* TASK INSTRUCTIONS
Every line from the one with "#37=EDGE_CURVE('',#24,#22,#36,.T.);" to the one with "#81=DIRECTION('',(-0.9998,0.01747,0.));", including those two, is to be copied exactly; all other lines of the entries below are left out.
════
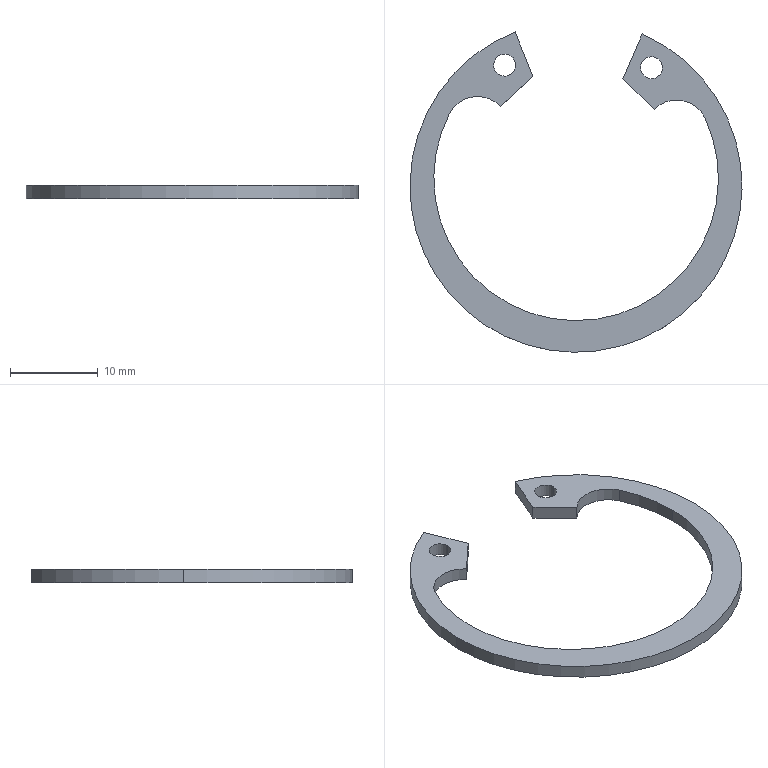Component | SolidWorks | HopperAssembly-1_20211103-210426-70669.STEP-1_-_-_-1.STEP-1_GB893_2-86_B_35.STEP-1 | 1 solid | 18 faces | box 37.8 x 36.49 x 1.5 mm | volume 478 mm3 | cylinder 12 | plane 6 | commonest cylinder face diameters 2.5 x4 32.4 x3 37.8 x3 7.2 x2
STEP:
#1=CARTESIAN_POINT('',(-115.828,33.727,-14.858));
#2=VERTEX_POINT('',#1);
#3=CARTESIAN_POINT('',(-115.927,33.729,-14.858));
#4=VERTEX_POINT('',#3);
#5=CARTESIAN_POINT('',(-115.877,33.728,-14.858));
#6=DIRECTION('',(-0.,-0.,1.));
#7=DIRECTION('',(-0.9998,0.01747,0.));
#8=AXIS2_PLACEMENT_3D('',#5,#6,#7);
#9=CIRCLE('',#8,0.04921);
#10=EDGE_CURVE('',#2,#4,#9,.T.);
#11=ORIENTED_EDGE('',*,*,#10,.T.);
#12=CARTESIAN_POINT('',(-115.877,33.728,-14.858));
#13=DIRECTION('',(-0.,-0.,1.));
#14=DIRECTION('',(-0.9998,0.01747,0.));
#15=AXIS2_PLACEMENT_3D('',#12,#13,#14);
#16=CIRCLE('',#15,0.04921);
#17=EDGE_CURVE('',#4,#2,#16,.T.);
#18=ORIENTED_EDGE('',*,*,#17,.T.);
#19=EDGE_LOOP('',(#11,#18));
#20=FACE_BOUND('',#19,.T.);
#21=CARTESIAN_POINT('',(-116.486,33.738,-14.858));
#22=VERTEX_POINT('',#21);
#23=CARTESIAN_POINT('',(-116.585,33.74,-14.858));
#24=VERTEX_POINT('',#23);
#25=CARTESIAN_POINT('',(-116.535,33.739,-14.858));
#26=DIRECTION('',(-0.,-0.,1.));
#27=DIRECTION('',(0.9998,-0.01747,0.));
#28=AXIS2_PLACEMENT_3D('',#25,#26,#27);
#29=CIRCLE('',#28,0.04921);
#30=EDGE_CURVE('',#22,#24,#29,.T.);
#31=ORIENTED_EDGE('',*,*,#30,.T.);
#32=CARTESIAN_POINT('',(-116.535,33.739,-14.858));
#33=DIRECTION('',(-0.,-0.,1.));
#34=DIRECTION('',(0.9998,-0.01747,0.));
#35=AXIS2_PLACEMENT_3D('',#32,#33,#34);
#36=CIRCLE('',#35,0.04921);
#37=EDGE_CURVE('',#24,#22,#36,.T.);
#38=ORIENTED_EDGE('',*,*,#37,.T.);
#39=EDGE_LOOP('',(#31,#38));
#40=FACE_BOUND('',#39,.T.);
#41=CARTESIAN_POINT('',(-116.489,33.889,-14.858));
#42=VERTEX_POINT('',#41);
#43=CARTESIAN_POINT('',(-116.96,33.209,-14.858));
#44=VERTEX_POINT('',#43);
#45=CARTESIAN_POINT('',(-116.216,33.196,-14.858));
#46=DIRECTION('',(-0.,-0.,1.));
#47=DIRECTION('',(-0.9998,0.01747,0.));
#48=AXIS2_PLACEMENT_3D('',#45,#46,#47);
#49=CIRCLE('',#48,0.7441);
#50=EDGE_CURVE('',#42,#44,#49,.T.);
#51=ORIENTED_EDGE('',*,*,#50,.F.);
#52=CARTESIAN_POINT('',(-116.409,33.687,-14.858));
#53=VERTEX_POINT('',#52);
#54=CARTESIAN_POINT('',(-116.409,33.687,-14.858));
#55=DIRECTION('',(-0.3665,0.9304,0.));
#56=VECTOR('',#55,39.37);
#57=LINE('',#54,#56);
#58=EDGE_CURVE('',#53,#42,#57,.T.);
#59=ORIENTED_EDGE('',*,*,#58,.F.);
#60=CARTESIAN_POINT('',(-116.553,33.553,-14.858));
#61=VERTEX_POINT('',#60);
#62=CARTESIAN_POINT('',(-116.553,33.553,-14.858));
#63=DIRECTION('',(0.7328,0.6804,0.));
#64=VECTOR('',#63,39.37);
#65=LINE('',#62,#64);
#66=EDGE_CURVE('',#61,#53,#65,.T.);
#67=ORIENTED_EDGE('',*,*,#66,.F.);
#68=CARTESIAN_POINT('',(-116.784,33.521,-14.858));
#69=VERTEX_POINT('',#68);
#70=CARTESIAN_POINT('',(-116.657,33.457,-14.858));
#71=DIRECTION('',(0.,0.,-1.));
#72=DIRECTION('',(0.9998,-0.01747,0.));
#73=AXIS2_PLACEMENT_3D('',#70,#71,#72);
#74=CIRCLE('',#73,0.1417);
#75=EDGE_CURVE('',#69,#61,#74,.T.);
#76=ORIENTED_EDGE('',*,*,#75,.F.);
#77=CARTESIAN_POINT('',(-116.853,33.243,-14.858));
#78=VERTEX_POINT('',#77);
#79=CARTESIAN_POINT('',(-116.215,33.232,-14.858));
#80=DIRECTION('',(0.,0.,-1.));
#81=DIRECTION('',(-0.9998,0.01747,0.));
#82=AXIS2_PLACEMENT_3D('',#79,#80,#81);
#83=CIRCLE('',#82,0.6378);
#84=EDGE_CURVE('',#78,#69,#83,.T.);
#85=ORIENTED_EDGE('',*,*,#84,.F.);
#86=CARTESIAN_POINT('',(-115.578,33.221,-14.858));
#87=VERTEX_POINT('',#86);
#88=CARTESIAN_POINT('',(-116.215,33.232,-14.858));
#89=DIRECTION('',(0.,0.,-1.));
#90=DIRECTION('',(-0.9998,0.01747,0.));
#91=AXIS2_PLACEMENT_3D('',#88,#89,#90);
#92=CIRCLE('',#91,0.6378);
#93=EDGE_CURVE('',#87,#78,#92,.T.);
#94=ORIENTED_EDGE('',*,*,#93,.F.);
#95=CARTESIAN_POINT('',(-115.637,33.501,-14.858));
#96=VERTEX_POINT('',#95);
#97=CARTESIAN_POINT('',(-116.215,33.232,-14.858));
#98=DIRECTION('',(0.,0.,-1.));
#99=DIRECTION('',(-0.9998,0.01747,0.));
#100=AXIS2_PLACEMENT_3D('',#97,#98,#99);
#101=CIRCLE('',#100,0.6378);
#102=EDGE_CURVE('',#96,#87,#101,.T.);
#103=ORIENTED_EDGE('',*,*,#102,.F.);
#104=CARTESIAN_POINT('',(-115.866,33.541,-14.858));
#105=VERTEX_POINT('',#104);
#106=CARTESIAN_POINT('',(-115.766,33.441,-14.858));
#107=DIRECTION('',(0.,0.,-1.));
#108=DIRECTION('',(-0.9998,0.01747,0.));
#109=AXIS2_PLACEMENT_3D('',#106,#107,#108);
#110=CIRCLE('',#109,0.1417);
#111=EDGE_CURVE('',#105,#96,#110,.T.);
#112=ORIENTED_EDGE('',*,*,#111,.F.);
#113=CARTESIAN_POINT('',(-116.005,33.68,-14.858));
#114=VERTEX_POINT('',#113);
#115=CARTESIAN_POINT('',(-115.866,33.541,-14.858));
#116=DIRECTION('',(0.7086,-0.7056,-0.));
#117=VECTOR('',#116,39.37);
#118=LINE('',#115,#117);
#119=EDGE_CURVE('',#114,#105,#118,.T.);
#120=ORIENTED_EDGE('',*,*,#119,.F.);
#121=CARTESIAN_POINT('',(-115.919,33.879,-14.858));
#122=VERTEX_POINT('',#121);
#123=CARTESIAN_POINT('',(-116.005,33.68,-14.858));
#124=DIRECTION('',(-0.3988,-0.9171,-0.));
#125=VECTOR('',#124,39.37);
#126=LINE('',#123,#125);
#127=EDGE_CURVE('',#122,#114,#126,.T.);
#128=ORIENTED_EDGE('',*,*,#127,.F.);
#129=CARTESIAN_POINT('',(-115.472,33.183,-14.858));
#130=VERTEX_POINT('',#129);
#131=CARTESIAN_POINT('',(-116.216,33.196,-14.858));
#132=DIRECTION('',(-0.,-0.,1.));
#133=DIRECTION('',(-0.9998,0.01747,0.));
#134=AXIS2_PLACEMENT_3D('',#131,#132,#133);
#135=CIRCLE('',#134,0.7441);
#136=EDGE_CURVE('',#130,#122,#135,.T.);
#137=ORIENTED_EDGE('',*,*,#136,.F.);
#138=CARTESIAN_POINT('',(-116.216,33.196,-14.858));
#139=DIRECTION('',(-0.,-0.,1.));
#140=DIRECTION('',(-0.9998,0.01747,0.));
#141=AXIS2_PLACEMENT_3D('',#138,#139,#140);
#142=CIRCLE('',#141,0.7441);
#143=EDGE_CURVE('',#44,#130,#142,.T.);
#144=ORIENTED_EDGE('',*,*,#143,.F.);
#145=EDGE_LOOP('',(#51,#59,#67,#76,#85,#94,#103,#112,#120,#128,#137,#144));
#146=FACE_OUTER_BOUND('',#145,.T.);
#147=CARTESIAN_POINT('',(-116.216,33.196,-14.858));
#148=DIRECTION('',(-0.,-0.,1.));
════
* SOLVED PROBLEM
#37=EDGE_CURVE('',#24,#22,#36,.T.);
#38=ORIENTED_EDGE('',*,*,#37,.T.);
#39=EDGE_LOOP('',(#31,#38));
#40=FACE_BOUND('',#39,.T.);
#41=CARTESIAN_POINT('',(-116.489,33.889,-14.858));
#42=VERTEX_POINT('',#41);
#43=CARTESIAN_POINT('',(-116.96,33.209,-14.858));
#44=VERTEX_POINT('',#43);
#45=CARTESIAN_POINT('',(-116.216,33.196,-14.858));
#46=DIRECTION('',(-0.,-0.,1.));
#47=DIRECTION('',(-0.9998,0.01747,0.));
#48=AXIS2_PLACEMENT_3D('',#45,#46,#47);
#49=CIRCLE('',#48,0.7441);
#50=EDGE_CURVE('',#42,#44,#49,.T.);
#51=ORIENTED_EDGE('',*,*,#50,.F.);
#52=CARTESIAN_POINT('',(-116.409,33.687,-14.858));
#53=VERTEX_POINT('',#52);
#54=CARTESIAN_POINT('',(-116.409,33.687,-14.858));
#55=DIRECTION('',(-0.3665,0.9304,0.));
#56=VECTOR('',#55,39.37);
#57=LINE('',#54,#56);
#58=EDGE_CURVE('',#53,#42,#57,.T.);
#59=ORIENTED_EDGE('',*,*,#58,.F.);
#60=CARTESIAN_POINT('',(-116.553,33.553,-14.858));
#61=VERTEX_POINT('',#60);
#62=CARTESIAN_POINT('',(-116.553,33.553,-14.858));
#63=DIRECTION('',(0.7328,0.6804,0.));
#64=VECTOR('',#63,39.37);
#65=LINE('',#62,#64);
#66=EDGE_CURVE('',#61,#53,#65,.T.);
#67=ORIENTED_EDGE('',*,*,#66,.F.);
#68=CARTESIAN_POINT('',(-116.784,33.521,-14.858));
#69=VERTEX_POINT('',#68);
#70=CARTESIAN_POINT('',(-116.657,33.457,-14.858));
#71=DIRECTION('',(0.,0.,-1.));
#72=DIRECTION('',(0.9998,-0.01747,0.));
#73=AXIS2_PLACEMENT_3D('',#70,#71,#72);
#74=CIRCLE('',#73,0.1417);
#75=EDGE_CURVE('',#69,#61,#74,.T.);
#76=ORIENTED_EDGE('',*,*,#75,.F.);
#77=CARTESIAN_POINT('',(-116.853,33.243,-14.858));
#78=VERTEX_POINT('',#77);
#79=CARTESIAN_POINT('',(-116.215,33.232,-14.858));
#80=DIRECTION('',(0.,0.,-1.));
#81=DIRECTION('',(-0.9998,0.01747,0.));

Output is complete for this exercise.